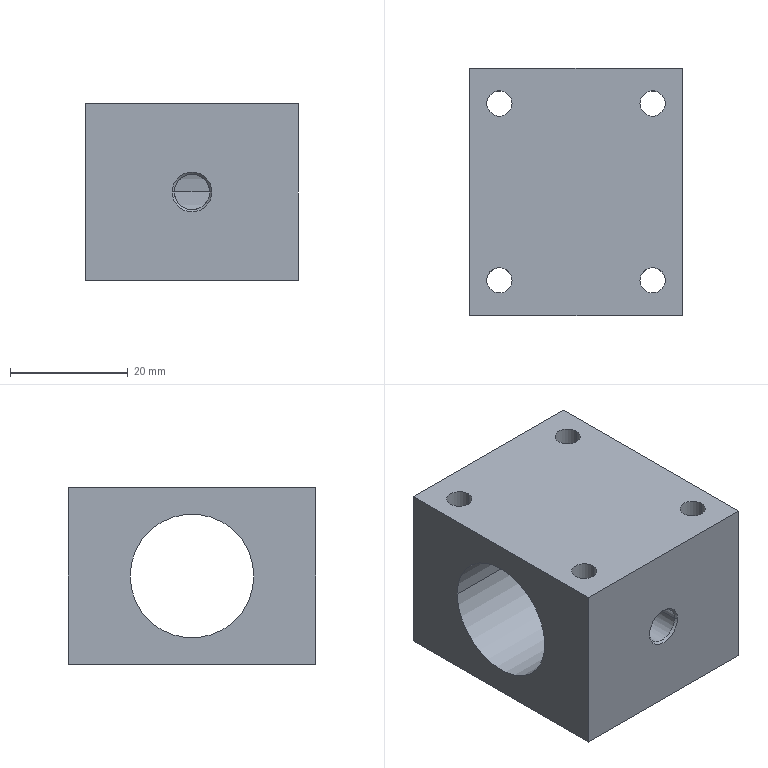Component | SolidWorks | SCLinearBearing-2 | 1 solid | 20 faces | box 36 x 42 x 30 mm | volume 30847 mm3 | cylinder 12 | plane 6 | cone 2 | commonest cylinder face diameters 4.3 x8 6 x2 21 x2
STEP:
#1=COLOUR_RGB('',0.7922,0.8196,0.9333);
#2=FILL_AREA_STYLE_COLOUR('',#1);
#3=FILL_AREA_STYLE('',(#2));
#4=SURFACE_STYLE_FILL_AREA(#3);
#5=SURFACE_SIDE_STYLE('',(#4));
#6=SURFACE_STYLE_USAGE(.BOTH.,#5);
#7=PRESENTATION_STYLE_ASSIGNMENT((#6));
#8=CARTESIAN_POINT('',(8.023,21.078,8.957));
#9=VERTEX_POINT('',#8);
#10=CARTESIAN_POINT('',(7.787,21.078,8.957));
#11=VERTEX_POINT('',#10);
#12=CARTESIAN_POINT('',(7.905,21.078,8.957));
#13=DIRECTION('',(-0.,-1.,-0.));
#14=DIRECTION('',(-1.,0.,0.));
#15=AXIS2_PLACEMENT_3D('',#12,#13,#14);
#16=CIRCLE('',#15,0.1181);
#17=EDGE_CURVE('',#9,#11,#16,.T.);
#18=ORIENTED_EDGE('',*,*,#17,.F.);
#19=CARTESIAN_POINT('',(8.038,21.063,8.957));
#20=VERTEX_POINT('',#19);
#21=CARTESIAN_POINT('',(8.038,21.063,8.957));
#22=DIRECTION('',(0.7071,-0.7071,0.));
#23=VECTOR('',#22,39.37);
#24=LINE('',#21,#23);
#25=EDGE_CURVE('',#9,#20,#24,.T.);
#26=ORIENTED_EDGE('',*,*,#25,.T.);
#27=CARTESIAN_POINT('',(7.772,21.063,8.957));
#28=VERTEX_POINT('',#27);
#29=CARTESIAN_POINT('',(7.905,21.063,8.957));
#30=DIRECTION('',(-0.,-1.,-0.));
#31=DIRECTION('',(-1.,0.,0.));
#32=AXIS2_PLACEMENT_3D('',#29,#30,#31);
#33=CIRCLE('',#32,0.1329);
#34=EDGE_CURVE('',#20,#28,#33,.T.);
#35=ORIENTED_EDGE('',*,*,#34,.T.);
#36=CARTESIAN_POINT('',(7.772,21.063,8.957));
#37=DIRECTION('',(-0.7071,-0.7071,-0.));
#38=VECTOR('',#37,39.37);
#39=LINE('',#36,#38);
#40=EDGE_CURVE('',#11,#28,#39,.T.);
#41=ORIENTED_EDGE('',*,*,#40,.F.);
#42=EDGE_LOOP('',(#18,#26,#35,#41));
#43=FACE_OUTER_BOUND('',#42,.T.);
#44=CARTESIAN_POINT('',(7.905,21.063,8.957));
#45=DIRECTION('',(-0.,-1.,-0.));
#46=DIRECTION('',(-1.,0.,0.));
#47=AXIS2_PLACEMENT_3D('',#44,#45,#46);
#48=CONICAL_SURFACE('',#47,0.1329,0.7854);
#49=ADVANCED_FACE('',(#43),#48,.F.);
#50=CARTESIAN_POINT('',(8.023,21.476,8.957));
#51=VERTEX_POINT('',#50);
#52=CARTESIAN_POINT('',(7.787,21.476,8.957));
#53=VERTEX_POINT('',#52);
#54=CARTESIAN_POINT('',(8.023,21.476,8.957));
#55=CARTESIAN_POINT('',(8.023,21.476,8.964));
#56=CARTESIAN_POINT('',(8.023,21.477,8.972));
#57=CARTESIAN_POINT('',(8.02,21.477,8.988));
#58=CARTESIAN_POINT('',(8.017,21.478,8.995));
#59=CARTESIAN_POINT('',(8.011,21.48,9.009));
#60=CARTESIAN_POINT('',(8.008,21.481,9.016));
#61=CARTESIAN_POINT('',(7.999,21.483,9.029));
#62=CARTESIAN_POINT('',(7.994,21.484,9.035));
#63=CARTESIAN_POINT('',(7.983,21.486,9.046));
#64=CARTESIAN_POINT('',(7.977,21.487,9.051));
#65=CARTESIAN_POINT('',(7.965,21.489,9.059));
#66=CARTESIAN_POINT('',(7.958,21.49,9.063));
#67=CARTESIAN_POINT('',(7.943,21.492,9.069));
#68=CARTESIAN_POINT('',(7.936,21.492,9.071));
#69=CARTESIAN_POINT('',(7.921,21.493,9.074));
#70=CARTESIAN_POINT('',(7.913,21.494,9.075));
#71=CARTESIAN_POINT('',(7.897,21.494,9.075));
#72=CARTESIAN_POINT('',(7.89,21.493,9.074));
#73=CARTESIAN_POINT('',(7.875,21.492,9.071));
#74=CARTESIAN_POINT('',(7.867,21.492,9.069));
#75=CARTESIAN_POINT('',(7.846,21.489,9.06));
#76=CARTESIAN_POINT('',(7.833,21.487,9.051));
#77=CARTESIAN_POINT('',(7.816,21.484,9.035));
#78=CARTESIAN_POINT('',(7.811,21.483,9.029));
#79=CARTESIAN_POINT('',(7.803,21.481,9.016));
#80=CARTESIAN_POINT('',(7.799,21.48,9.009));
#81=CARTESIAN_POINT('',(7.793,21.478,8.995));
#82=CARTESIAN_POINT('',(7.791,21.477,8.987));
#83=CARTESIAN_POINT('',(7.788,21.477,8.972));
#84=CARTESIAN_POINT('',(7.787,21.476,8.965));
#85=CARTESIAN_POINT('',(7.787,21.476,8.957));
#86=B_SPLINE_CURVE_WITH_KNOTS('',3,(#54,#55,#56,#57,#58,#59,#60,#61,#62,#63,#64,#65,#66,#67,#68,#69,#70,#71,#72,#73,#74,#75,#76,#77,#78,#79,#80,#81,#82,#83,#84,#85),.UNSPECIFIED.,.F.,.F.,(4,2,2,2,2,2,2,2,2,2,2,2,2,2,2,4),(0.009429,0.01002,0.01061,0.0112,0.01179,0.01237,0.01296,0.01355,0.01414,0.01473,0.01532,0.0165,0.01709,0.01768,0.01827,0.01885),.UNSPECIFIED.);
#87=EDGE_CURVE('',#51,#53,#86,.T.);
#88=ORIENTED_EDGE('',*,*,#87,.F.);
#89=CARTESIAN_POINT('',(8.023,21.063,8.957));
#90=DIRECTION('',(-0.,-1.,-0.));
#91=VECTOR('',#90,39.37);
#92=LINE('',#89,#91);
#93=EDGE_CURVE('',#51,#9,#92,.T.);
#94=ORIENTED_EDGE('',*,*,#93,.T.);
#95=ORIENTED_EDGE('',*,*,#17,.T.);
#96=CARTESIAN_POINT('',(7.787,21.063,8.957));
#97=DIRECTION('',(-0.,-1.,-0.));
#98=VECTOR('',#97,39.37);
#99=LINE('',#96,#98);
#100=EDGE_CURVE('',#53,#11,#99,.T.);
#101=ORIENTED_EDGE('',*,*,#100,.F.);
#102=EDGE_LOOP('',(#88,#94,#95,#101));
#103=FACE_OUTER_BOUND('',#102,.T.);
#104=CARTESIAN_POINT('',(7.905,21.063,8.957));
#105=DIRECTION('',(-0.,-1.,-0.));
#106=DIRECTION('',(-1.,0.,0.));
#107=AXIS2_PLACEMENT_3D('',#104,#105,#106);
#108=CYLINDRICAL_SURFACE('',#107,0.1181);
#109=ADVANCED_FACE('',(#103),#108,.F.);
#110=CARTESIAN_POINT('',(7.197,22.303,8.957));
#111=VERTEX_POINT('',#110);
#112=CARTESIAN_POINT('',(7.197,21.476,8.957));
#113=VERTEX_POINT('',#112);
#114=CARTESIAN_POINT('',(7.197,21.89,8.957));
#115=DIRECTION('',(1.,-0.,0.));
#116=DIRECTION('',(-0.,-1.,0.));
#117=AXIS2_PLACEMENT_3D('',#114,#115,#116);
#118=CIRCLE('',#117,0.4134);
#119=EDGE_CURVE('',#111,#113,#118,.T.);
#120=ORIENTED_EDGE('',*,*,#119,.F.);
#121=CARTESIAN_POINT('',(8.614,22.303,8.957));
#122=VERTEX_POINT('',#121);
#123=CARTESIAN_POINT('',(8.614,22.303,8.957));
#124=DIRECTION('',(1.,-0.,0.));
#125=VECTOR('',#124,39.37);
#126=LINE('',#123,#125);
#127=EDGE_CURVE('',#111,#122,#126,.T.);
#128=ORIENTED_EDGE('',*,*,#127,.T.);
#129=CARTESIAN_POINT('',(8.614,21.476,8.957));
#130=VERTEX_POINT('',#129);
#131=CARTESIAN_POINT('',(8.614,21.89,8.957));
#132=DIRECTION('',(1.,-0.,0.));
#133=DIRECTION('',(-0.,-1.,0.));
#134=AXIS2_PLACEMENT_3D('',#131,#132,#133);
#135=CIRCLE('',#134,0.4134);
#136=EDGE_CURVE('',#122,#130,#135,.T.);
#137=ORIENTED_EDGE('',*,*,#136,.T.);
#138=CARTESIAN_POINT('',(8.614,21.476,8.957));
#139=DIRECTION('',(1.,-0.,0.));
#140=VECTOR('',#139,39.37);
#141=LINE('',#138,#140);
#142=EDGE_CURVE('',#51,#130,#141,.T.);
#143=ORIENTED_EDGE('',*,*,#142,.F.);
#144=ORIENTED_EDGE('',*,*,#87,.T.);
#145=CARTESIAN_POINT('',(8.614,21.476,8.957));
#146=DIRECTION('',(1.,-0.,0.));
#147=VECTOR('',#146,39.37);
#148=LINE('',#145,#147);
#149=EDGE_CURVE('',#113,#53,#148,.T.);
#150=ORIENTED_EDGE('',*,*,#149,.F.);
#151=EDGE_LOOP('',(#120,#128,#137,#143,#144,#150));
#152=FACE_OUTER_BOUND('',#151,.T.);
#153=CARTESIAN_POINT('',(8.614,21.89,8.957));
#154=DIRECTION('',(1.,-0.,0.));
#155=DIRECTION('',(-0.,-1.,0.));
#156=AXIS2_PLACEMENT_3D('',#153,#154,#155);
#157=CYLINDRICAL_SURFACE('',#156,0.4134);
#158=ADVANCED_FACE('',(#152),#157,.F.);
#159=CARTESIAN_POINT('',(7.478,22.48,8.366));
#160=VERTEX_POINT('',#159);
#161=CARTESIAN_POINT('',(7.309,22.48,8.366));
#162=VERTEX_POINT('',#161);
#163=CARTESIAN_POINT('',(7.393,22.48,8.366));
#164=DIRECTION('',(-0.,-0.,1.));
#165=DIRECTION('',(-1.,0.,0.));
#166=AXIS2_PLACEMENT_3D('',#163,#164,#165);
#167=CIRCLE('',#166,0.08465);
#168=EDGE_CURVE('',#160,#162,#167,.T.);
#169=ORIENTED_EDGE('',*,*,#168,.F.);
#170=CARTESIAN_POINT('',(7.478,22.48,9.547));
#171=VERTEX_POINT('',#170);
#172=CARTESIAN_POINT('',(7.478,22.48,9.547));
#173=DIRECTION('',(-0.,-0.,1.));
#174=VECTOR('',#173,39.37);
#175=LINE('',#172,#174);
#176=EDGE_CURVE('',#160,#171,#175,.T.);
#177=ORIENTED_EDGE('',*,*,#176,.T.);
#178=CARTESIAN_POINT('',(7.309,22.48,9.547));
#179=VERTEX_POINT('',#178);
#180=CARTESIAN_POINT('',(7.393,22.48,9.547));
#181=DIRECTION('',(-0.,-0.,1.));
#182=DIRECTION('',(-1.,0.,0.));
#183=AXIS2_PLACEMENT_3D('',#180,#181,#182);
#184=CIRCLE('',#183,0.08465);
#185=EDGE_CURVE('',#171,#179,#184,.T.);
#186=ORIENTED_EDGE('',*,*,#185,.T.);
#187=CARTESIAN_POINT('',(7.309,22.48,9.547));
#188=DIRECTION('',(-0.,-0.,1.));
#189=VECTOR('',#188,39.37);
#190=LINE('',#187,#189);
#191=EDGE_CURVE('',#162,#179,#190,.T.);
#192=ORIENTED_EDGE('',*,*,#191,.F.);
#193=EDGE_LOOP('',(#169,#177,#186,#192));
#194=FACE_OUTER_BOUND('',#193,.T.);
#195=CARTESIAN_POINT('',(7.393,22.48,9.547));
#196=DIRECTION('',(-0.,-0.,1.));
#197=DIRECTION('',(-1.,0.,0.));
#198=AXIS2_PLACEMENT_3D('',#195,#196,#197);
#199=CYLINDRICAL_SURFACE('',#198,0.08465);
#200=ADVANCED_FACE('',(#194),#199,.F.);
#201=CARTESIAN_POINT('',(8.502,22.48,8.366));
#202=VERTEX_POINT('',#201);
#203=CARTESIAN_POINT('',(8.332,22.48,8.366));
#204=VERTEX_POINT('',#203);
#205=CARTESIAN_POINT('',(8.417,22.48,8.366));
#206=DIRECTION('',(-0.,-0.,1.));
#207=DIRECTION('',(-1.,0.,0.));
#208=AXIS2_PLACEMENT_3D('',#205,#206,#207);
#209=CIRCLE('',#208,0.08465);
#210=EDGE_CURVE('',#202,#204,#209,.T.);
#211=ORIENTED_EDGE('',*,*,#210,.F.);
#212=CARTESIAN_POINT('',(8.502,22.48,9.547));
#213=VERTEX_POINT('',#212);
#214=CARTESIAN_POINT('',(8.502,22.48,9.547));
#215=DIRECTION('',(-0.,-0.,1.));
#216=VECTOR('',#215,39.37);
#217=LINE('',#214,#216);
#218=EDGE_CURVE('',#202,#213,#217,.T.);
#219=ORIENTED_EDGE('',*,*,#218,.T.);
#220=CARTESIAN_POINT('',(8.332,22.48,9.547));
#221=VERTEX_POINT('',#220);
#222=CARTESIAN_POINT('',(8.417,22.48,9.547));
#223=DIRECTION('',(-0.,-0.,1.));
#224=DIRECTION('',(-1.,0.,0.));
#225=AXIS2_PLACEMENT_3D('',#222,#223,#224);
#226=CIRCLE('',#225,0.08465);
#227=EDGE_CURVE('',#213,#221,#226,.T.);
#228=ORIENTED_EDGE('',*,*,#227,.T.);
#229=CARTESIAN_POINT('',(8.332,22.48,9.547));
#230=DIRECTION('',(-0.,-0.,1.));
#231=VECTOR('',#230,39.37);
#232=LINE('',#229,#231);
#233=EDGE_CURVE('',#204,#221,#232,.T.);
#234=ORIENTED_EDGE('',*,*,#233,.F.);
#235=EDGE_LOOP('',(#211,#219,#228,#234));
#236=FACE_OUTER_BOUND('',#235,.T.);
#237=CARTESIAN_POINT('',(8.417,22.48,9.547));
#238=DIRECTION('',(-0.,-0.,1.));
#239=DIRECTION('',(-1.,0.,0.));
#240=AXIS2_PLACEMENT_3D('',#237,#238,#239);
#241=CYLINDRICAL_SURFACE('',#240,0.08465);
#242=ADVANCED_FACE('',(#236),#241,.F.);
#243=CARTESIAN_POINT('',(7.478,21.299,8.366));
#244=VERTEX_POINT('',#243);
#245=CARTESIAN_POINT('',(7.309,21.299,8.366));
#246=VERTEX_POINT('',#245);
#247=CARTESIAN_POINT('',(7.393,21.299,8.366));
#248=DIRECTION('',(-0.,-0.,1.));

□ □ □ □ □

Task prompt = Please transcribe only the lines in the records above running from the line that has "#43=FACE_OUTER_BOUND('',#42,.T.);" through the line that has "#51=VERTEX_POINT('',#50);", both included, exactly as they appear.

Your solution =
#43=FACE_OUTER_BOUND('',#42,.T.);
#44=CARTESIAN_POINT('',(7.905,21.063,8.957));
#45=DIRECTION('',(-0.,-1.,-0.));
#46=DIRECTION('',(-1.,0.,0.));
#47=AXIS2_PLACEMENT_3D('',#44,#45,#46);
#48=CONICAL_SURFACE('',#47,0.1329,0.7854);
#49=ADVANCED_FACE('',(#43),#48,.F.);
#50=CARTESIAN_POINT('',(8.023,21.476,8.957));
#51=VERTEX_POINT('',#50);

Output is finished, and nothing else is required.